**Exercise**.
Reproduce only the top of the records, down to and including the line containing "doc.units = ezdxf.units.IN".

**Provided records**.
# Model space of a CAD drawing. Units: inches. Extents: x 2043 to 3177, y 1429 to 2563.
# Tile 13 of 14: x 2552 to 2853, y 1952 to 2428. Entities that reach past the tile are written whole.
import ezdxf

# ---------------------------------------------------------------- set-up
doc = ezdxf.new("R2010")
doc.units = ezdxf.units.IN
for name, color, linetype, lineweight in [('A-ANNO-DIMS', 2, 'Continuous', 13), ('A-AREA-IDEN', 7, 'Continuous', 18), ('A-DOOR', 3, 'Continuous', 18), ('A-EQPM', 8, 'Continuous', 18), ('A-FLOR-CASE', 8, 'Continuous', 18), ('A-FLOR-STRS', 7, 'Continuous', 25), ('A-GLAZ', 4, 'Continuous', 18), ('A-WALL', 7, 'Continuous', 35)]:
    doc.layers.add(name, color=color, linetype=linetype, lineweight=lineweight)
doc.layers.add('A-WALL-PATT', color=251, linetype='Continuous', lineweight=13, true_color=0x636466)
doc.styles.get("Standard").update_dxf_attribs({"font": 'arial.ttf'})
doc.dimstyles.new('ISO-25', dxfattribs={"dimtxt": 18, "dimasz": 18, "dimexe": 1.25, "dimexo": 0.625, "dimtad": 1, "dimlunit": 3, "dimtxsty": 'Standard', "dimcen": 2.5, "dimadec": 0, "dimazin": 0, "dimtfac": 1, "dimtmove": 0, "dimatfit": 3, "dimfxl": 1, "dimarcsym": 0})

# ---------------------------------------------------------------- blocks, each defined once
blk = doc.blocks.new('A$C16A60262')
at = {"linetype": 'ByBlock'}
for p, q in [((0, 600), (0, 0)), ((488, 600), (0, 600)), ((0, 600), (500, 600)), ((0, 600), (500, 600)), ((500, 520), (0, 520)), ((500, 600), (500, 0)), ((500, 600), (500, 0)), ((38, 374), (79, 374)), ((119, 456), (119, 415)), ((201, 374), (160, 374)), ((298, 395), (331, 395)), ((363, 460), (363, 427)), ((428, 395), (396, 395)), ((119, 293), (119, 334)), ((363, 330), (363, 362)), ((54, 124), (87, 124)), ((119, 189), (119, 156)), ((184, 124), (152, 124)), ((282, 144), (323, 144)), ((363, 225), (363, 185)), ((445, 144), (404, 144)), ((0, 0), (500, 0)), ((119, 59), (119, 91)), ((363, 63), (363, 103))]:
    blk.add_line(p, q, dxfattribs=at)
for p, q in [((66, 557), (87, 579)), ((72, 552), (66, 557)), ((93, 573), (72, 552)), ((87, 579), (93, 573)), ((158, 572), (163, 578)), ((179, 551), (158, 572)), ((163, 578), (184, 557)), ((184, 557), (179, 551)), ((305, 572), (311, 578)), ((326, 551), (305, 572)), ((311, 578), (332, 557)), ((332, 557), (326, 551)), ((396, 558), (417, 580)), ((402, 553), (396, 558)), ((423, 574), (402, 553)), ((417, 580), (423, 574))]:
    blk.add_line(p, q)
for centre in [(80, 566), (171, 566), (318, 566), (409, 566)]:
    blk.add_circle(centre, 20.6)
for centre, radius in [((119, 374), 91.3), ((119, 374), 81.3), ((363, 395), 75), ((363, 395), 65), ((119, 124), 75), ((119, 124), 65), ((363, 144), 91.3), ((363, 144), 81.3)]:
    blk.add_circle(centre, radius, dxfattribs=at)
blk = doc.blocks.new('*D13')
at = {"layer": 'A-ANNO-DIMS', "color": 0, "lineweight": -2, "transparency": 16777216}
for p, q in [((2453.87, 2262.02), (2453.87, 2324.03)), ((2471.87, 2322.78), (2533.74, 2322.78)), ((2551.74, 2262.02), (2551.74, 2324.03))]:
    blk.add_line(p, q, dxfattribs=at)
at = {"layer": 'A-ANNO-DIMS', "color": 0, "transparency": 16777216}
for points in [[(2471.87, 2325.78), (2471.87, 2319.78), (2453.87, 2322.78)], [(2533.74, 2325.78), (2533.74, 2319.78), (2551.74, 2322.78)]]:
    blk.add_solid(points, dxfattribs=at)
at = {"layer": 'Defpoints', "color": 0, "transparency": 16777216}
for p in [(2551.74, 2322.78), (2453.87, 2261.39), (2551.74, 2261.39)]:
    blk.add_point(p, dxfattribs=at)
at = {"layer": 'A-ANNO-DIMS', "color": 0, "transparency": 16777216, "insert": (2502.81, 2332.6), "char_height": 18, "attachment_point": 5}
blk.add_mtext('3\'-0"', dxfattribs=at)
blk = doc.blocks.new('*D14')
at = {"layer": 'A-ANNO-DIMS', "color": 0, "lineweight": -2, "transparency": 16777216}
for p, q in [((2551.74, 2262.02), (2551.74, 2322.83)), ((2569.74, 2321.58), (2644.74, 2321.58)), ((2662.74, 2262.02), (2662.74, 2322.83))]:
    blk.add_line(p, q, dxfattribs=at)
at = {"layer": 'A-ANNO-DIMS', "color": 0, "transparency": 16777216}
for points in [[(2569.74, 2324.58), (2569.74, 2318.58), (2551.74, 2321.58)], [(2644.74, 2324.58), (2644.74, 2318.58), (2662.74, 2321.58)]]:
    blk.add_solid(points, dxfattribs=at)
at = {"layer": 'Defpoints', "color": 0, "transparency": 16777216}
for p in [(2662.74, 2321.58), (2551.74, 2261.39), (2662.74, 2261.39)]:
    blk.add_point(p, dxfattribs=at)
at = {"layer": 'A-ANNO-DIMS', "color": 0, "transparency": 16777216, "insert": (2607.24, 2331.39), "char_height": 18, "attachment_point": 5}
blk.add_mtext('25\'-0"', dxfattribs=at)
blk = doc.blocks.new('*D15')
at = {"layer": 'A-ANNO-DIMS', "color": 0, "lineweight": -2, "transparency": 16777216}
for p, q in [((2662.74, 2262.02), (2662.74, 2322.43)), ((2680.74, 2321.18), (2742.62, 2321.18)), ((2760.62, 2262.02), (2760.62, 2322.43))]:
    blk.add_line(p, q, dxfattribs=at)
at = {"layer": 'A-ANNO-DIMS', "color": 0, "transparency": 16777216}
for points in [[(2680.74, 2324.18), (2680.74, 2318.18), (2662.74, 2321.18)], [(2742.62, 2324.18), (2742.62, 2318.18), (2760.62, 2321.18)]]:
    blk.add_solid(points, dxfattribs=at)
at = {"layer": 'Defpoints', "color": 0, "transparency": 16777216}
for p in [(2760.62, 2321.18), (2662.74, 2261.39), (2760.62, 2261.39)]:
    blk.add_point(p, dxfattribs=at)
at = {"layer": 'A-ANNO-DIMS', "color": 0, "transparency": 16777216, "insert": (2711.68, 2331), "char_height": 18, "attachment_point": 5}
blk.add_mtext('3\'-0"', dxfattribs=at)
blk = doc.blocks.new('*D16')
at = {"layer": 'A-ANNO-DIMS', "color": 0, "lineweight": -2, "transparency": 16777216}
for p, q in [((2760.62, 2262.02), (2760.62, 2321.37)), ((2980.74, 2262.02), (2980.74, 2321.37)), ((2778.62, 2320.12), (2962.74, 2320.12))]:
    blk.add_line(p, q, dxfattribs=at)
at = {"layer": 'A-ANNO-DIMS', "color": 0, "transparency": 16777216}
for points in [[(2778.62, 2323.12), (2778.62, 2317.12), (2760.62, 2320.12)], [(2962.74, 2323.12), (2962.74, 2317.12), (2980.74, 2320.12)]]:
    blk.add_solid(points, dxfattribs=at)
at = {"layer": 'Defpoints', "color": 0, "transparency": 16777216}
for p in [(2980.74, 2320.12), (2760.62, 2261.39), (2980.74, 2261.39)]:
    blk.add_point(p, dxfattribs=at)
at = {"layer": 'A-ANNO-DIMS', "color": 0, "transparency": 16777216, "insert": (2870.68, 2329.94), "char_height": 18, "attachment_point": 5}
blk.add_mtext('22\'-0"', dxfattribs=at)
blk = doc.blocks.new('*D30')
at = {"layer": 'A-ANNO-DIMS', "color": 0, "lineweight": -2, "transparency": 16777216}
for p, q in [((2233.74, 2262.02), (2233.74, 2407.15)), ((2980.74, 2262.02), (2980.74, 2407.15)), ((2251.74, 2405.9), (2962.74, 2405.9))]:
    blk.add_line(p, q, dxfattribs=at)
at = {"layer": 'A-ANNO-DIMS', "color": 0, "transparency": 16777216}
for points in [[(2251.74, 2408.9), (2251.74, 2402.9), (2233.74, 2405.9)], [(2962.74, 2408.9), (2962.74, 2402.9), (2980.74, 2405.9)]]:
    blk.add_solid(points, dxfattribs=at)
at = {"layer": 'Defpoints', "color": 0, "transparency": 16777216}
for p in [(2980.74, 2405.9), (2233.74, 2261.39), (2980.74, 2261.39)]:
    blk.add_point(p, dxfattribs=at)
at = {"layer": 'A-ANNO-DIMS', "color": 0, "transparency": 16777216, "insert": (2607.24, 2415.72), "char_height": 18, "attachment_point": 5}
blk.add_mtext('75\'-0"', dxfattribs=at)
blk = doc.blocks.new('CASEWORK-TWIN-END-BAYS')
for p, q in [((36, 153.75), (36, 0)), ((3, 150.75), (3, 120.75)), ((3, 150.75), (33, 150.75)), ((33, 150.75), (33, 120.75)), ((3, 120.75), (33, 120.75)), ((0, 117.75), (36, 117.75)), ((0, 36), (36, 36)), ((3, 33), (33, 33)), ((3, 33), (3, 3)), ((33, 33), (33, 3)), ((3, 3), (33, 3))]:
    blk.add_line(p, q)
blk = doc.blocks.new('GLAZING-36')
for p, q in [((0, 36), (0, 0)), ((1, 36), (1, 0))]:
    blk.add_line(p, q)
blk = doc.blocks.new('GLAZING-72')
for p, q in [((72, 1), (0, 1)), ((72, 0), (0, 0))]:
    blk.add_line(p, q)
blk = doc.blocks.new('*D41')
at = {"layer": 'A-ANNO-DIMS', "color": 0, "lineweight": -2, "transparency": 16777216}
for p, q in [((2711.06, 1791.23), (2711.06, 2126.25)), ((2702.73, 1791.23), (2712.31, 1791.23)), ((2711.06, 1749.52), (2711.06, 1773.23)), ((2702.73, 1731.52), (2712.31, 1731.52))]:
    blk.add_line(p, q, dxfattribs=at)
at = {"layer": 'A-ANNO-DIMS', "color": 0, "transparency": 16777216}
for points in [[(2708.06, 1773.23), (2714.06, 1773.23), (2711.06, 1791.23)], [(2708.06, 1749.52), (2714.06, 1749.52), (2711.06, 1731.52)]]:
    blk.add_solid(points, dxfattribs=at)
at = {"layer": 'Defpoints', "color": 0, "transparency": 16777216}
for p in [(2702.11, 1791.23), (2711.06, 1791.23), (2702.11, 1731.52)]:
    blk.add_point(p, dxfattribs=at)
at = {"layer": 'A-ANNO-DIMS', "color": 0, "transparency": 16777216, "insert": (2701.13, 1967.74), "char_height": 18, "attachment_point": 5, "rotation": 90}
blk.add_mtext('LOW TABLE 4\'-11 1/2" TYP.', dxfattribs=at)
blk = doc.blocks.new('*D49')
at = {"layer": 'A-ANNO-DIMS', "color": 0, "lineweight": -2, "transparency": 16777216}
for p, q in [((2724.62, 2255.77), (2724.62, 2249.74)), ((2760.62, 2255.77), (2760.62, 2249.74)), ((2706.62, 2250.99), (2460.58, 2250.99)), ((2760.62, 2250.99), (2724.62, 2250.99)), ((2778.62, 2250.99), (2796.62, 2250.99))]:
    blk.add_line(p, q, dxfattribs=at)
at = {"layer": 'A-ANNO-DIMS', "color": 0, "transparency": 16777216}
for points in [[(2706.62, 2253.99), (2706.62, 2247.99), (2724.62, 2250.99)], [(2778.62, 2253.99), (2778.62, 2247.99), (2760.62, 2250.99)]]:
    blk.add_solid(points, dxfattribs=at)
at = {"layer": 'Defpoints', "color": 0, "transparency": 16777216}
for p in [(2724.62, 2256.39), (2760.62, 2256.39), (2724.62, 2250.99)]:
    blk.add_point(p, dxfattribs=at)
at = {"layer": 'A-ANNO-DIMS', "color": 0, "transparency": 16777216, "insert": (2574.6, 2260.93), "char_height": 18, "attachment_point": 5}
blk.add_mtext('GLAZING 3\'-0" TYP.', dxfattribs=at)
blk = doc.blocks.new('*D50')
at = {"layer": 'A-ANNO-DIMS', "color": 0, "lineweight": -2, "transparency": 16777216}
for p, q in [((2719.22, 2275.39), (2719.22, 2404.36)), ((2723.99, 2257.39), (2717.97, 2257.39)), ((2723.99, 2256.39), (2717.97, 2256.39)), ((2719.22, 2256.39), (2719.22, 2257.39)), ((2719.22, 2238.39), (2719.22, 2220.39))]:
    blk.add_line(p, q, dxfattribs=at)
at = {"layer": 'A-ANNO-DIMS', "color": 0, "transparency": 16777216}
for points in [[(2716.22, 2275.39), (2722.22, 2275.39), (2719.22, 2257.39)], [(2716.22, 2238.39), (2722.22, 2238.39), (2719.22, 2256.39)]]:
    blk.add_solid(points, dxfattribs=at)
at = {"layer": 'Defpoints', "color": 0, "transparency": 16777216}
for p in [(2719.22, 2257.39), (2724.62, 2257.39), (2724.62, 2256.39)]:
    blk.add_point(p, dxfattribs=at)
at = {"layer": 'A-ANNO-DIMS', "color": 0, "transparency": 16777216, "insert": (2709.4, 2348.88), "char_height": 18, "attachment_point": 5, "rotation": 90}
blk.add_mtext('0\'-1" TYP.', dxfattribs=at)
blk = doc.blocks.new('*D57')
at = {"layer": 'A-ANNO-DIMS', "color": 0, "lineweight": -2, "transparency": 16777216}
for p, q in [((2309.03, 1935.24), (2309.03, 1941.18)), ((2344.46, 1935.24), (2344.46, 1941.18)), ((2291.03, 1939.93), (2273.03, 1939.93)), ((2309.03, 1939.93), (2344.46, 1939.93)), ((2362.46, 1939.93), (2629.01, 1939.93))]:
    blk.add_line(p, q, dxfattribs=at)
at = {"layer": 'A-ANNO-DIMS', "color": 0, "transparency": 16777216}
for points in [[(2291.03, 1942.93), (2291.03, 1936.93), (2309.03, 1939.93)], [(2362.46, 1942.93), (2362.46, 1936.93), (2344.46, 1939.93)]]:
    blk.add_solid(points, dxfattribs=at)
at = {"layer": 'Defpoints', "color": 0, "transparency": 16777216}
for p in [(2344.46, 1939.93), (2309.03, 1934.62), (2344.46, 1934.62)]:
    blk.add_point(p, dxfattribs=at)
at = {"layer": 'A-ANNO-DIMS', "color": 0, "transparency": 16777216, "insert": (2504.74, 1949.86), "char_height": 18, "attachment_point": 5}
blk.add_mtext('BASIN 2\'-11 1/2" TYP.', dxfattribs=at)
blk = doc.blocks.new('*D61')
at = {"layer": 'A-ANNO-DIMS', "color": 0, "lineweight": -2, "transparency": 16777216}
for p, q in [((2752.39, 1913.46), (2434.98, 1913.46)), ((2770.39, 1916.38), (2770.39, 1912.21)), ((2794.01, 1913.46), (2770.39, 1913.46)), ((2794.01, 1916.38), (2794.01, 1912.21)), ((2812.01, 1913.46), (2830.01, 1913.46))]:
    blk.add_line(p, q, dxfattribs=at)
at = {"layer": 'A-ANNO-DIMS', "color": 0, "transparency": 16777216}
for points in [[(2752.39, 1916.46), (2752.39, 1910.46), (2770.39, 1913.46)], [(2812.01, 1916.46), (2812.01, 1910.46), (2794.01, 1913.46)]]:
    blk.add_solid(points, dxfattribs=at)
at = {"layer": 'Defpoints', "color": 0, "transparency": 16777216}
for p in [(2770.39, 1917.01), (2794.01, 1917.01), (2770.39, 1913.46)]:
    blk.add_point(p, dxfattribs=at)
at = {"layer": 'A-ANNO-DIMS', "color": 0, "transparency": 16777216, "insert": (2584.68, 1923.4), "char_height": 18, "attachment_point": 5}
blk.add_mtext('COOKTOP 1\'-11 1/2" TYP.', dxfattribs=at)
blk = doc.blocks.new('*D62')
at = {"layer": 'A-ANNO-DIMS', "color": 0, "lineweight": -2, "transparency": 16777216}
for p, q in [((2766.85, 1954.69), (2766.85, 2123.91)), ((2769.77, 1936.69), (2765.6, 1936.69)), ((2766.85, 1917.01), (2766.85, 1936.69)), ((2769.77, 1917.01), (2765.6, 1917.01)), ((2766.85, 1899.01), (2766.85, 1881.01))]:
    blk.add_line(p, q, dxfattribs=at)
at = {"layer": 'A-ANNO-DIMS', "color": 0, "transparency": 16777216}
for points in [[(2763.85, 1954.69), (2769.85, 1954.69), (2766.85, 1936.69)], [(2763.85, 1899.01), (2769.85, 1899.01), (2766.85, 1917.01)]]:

**Solution to the problem**.
# Model space of a CAD drawing. Units: inches. Extents: x 2043 to 3177, y 1429 to 2563.
# Tile 13 of 14: x 2552 to 2853, y 1952 to 2428. Entities that reach past the tile are written whole.
import ezdxf

# ---------------------------------------------------------------- set-up
doc = ezdxf.new("R2010")
doc.units = ezdxf.units.IN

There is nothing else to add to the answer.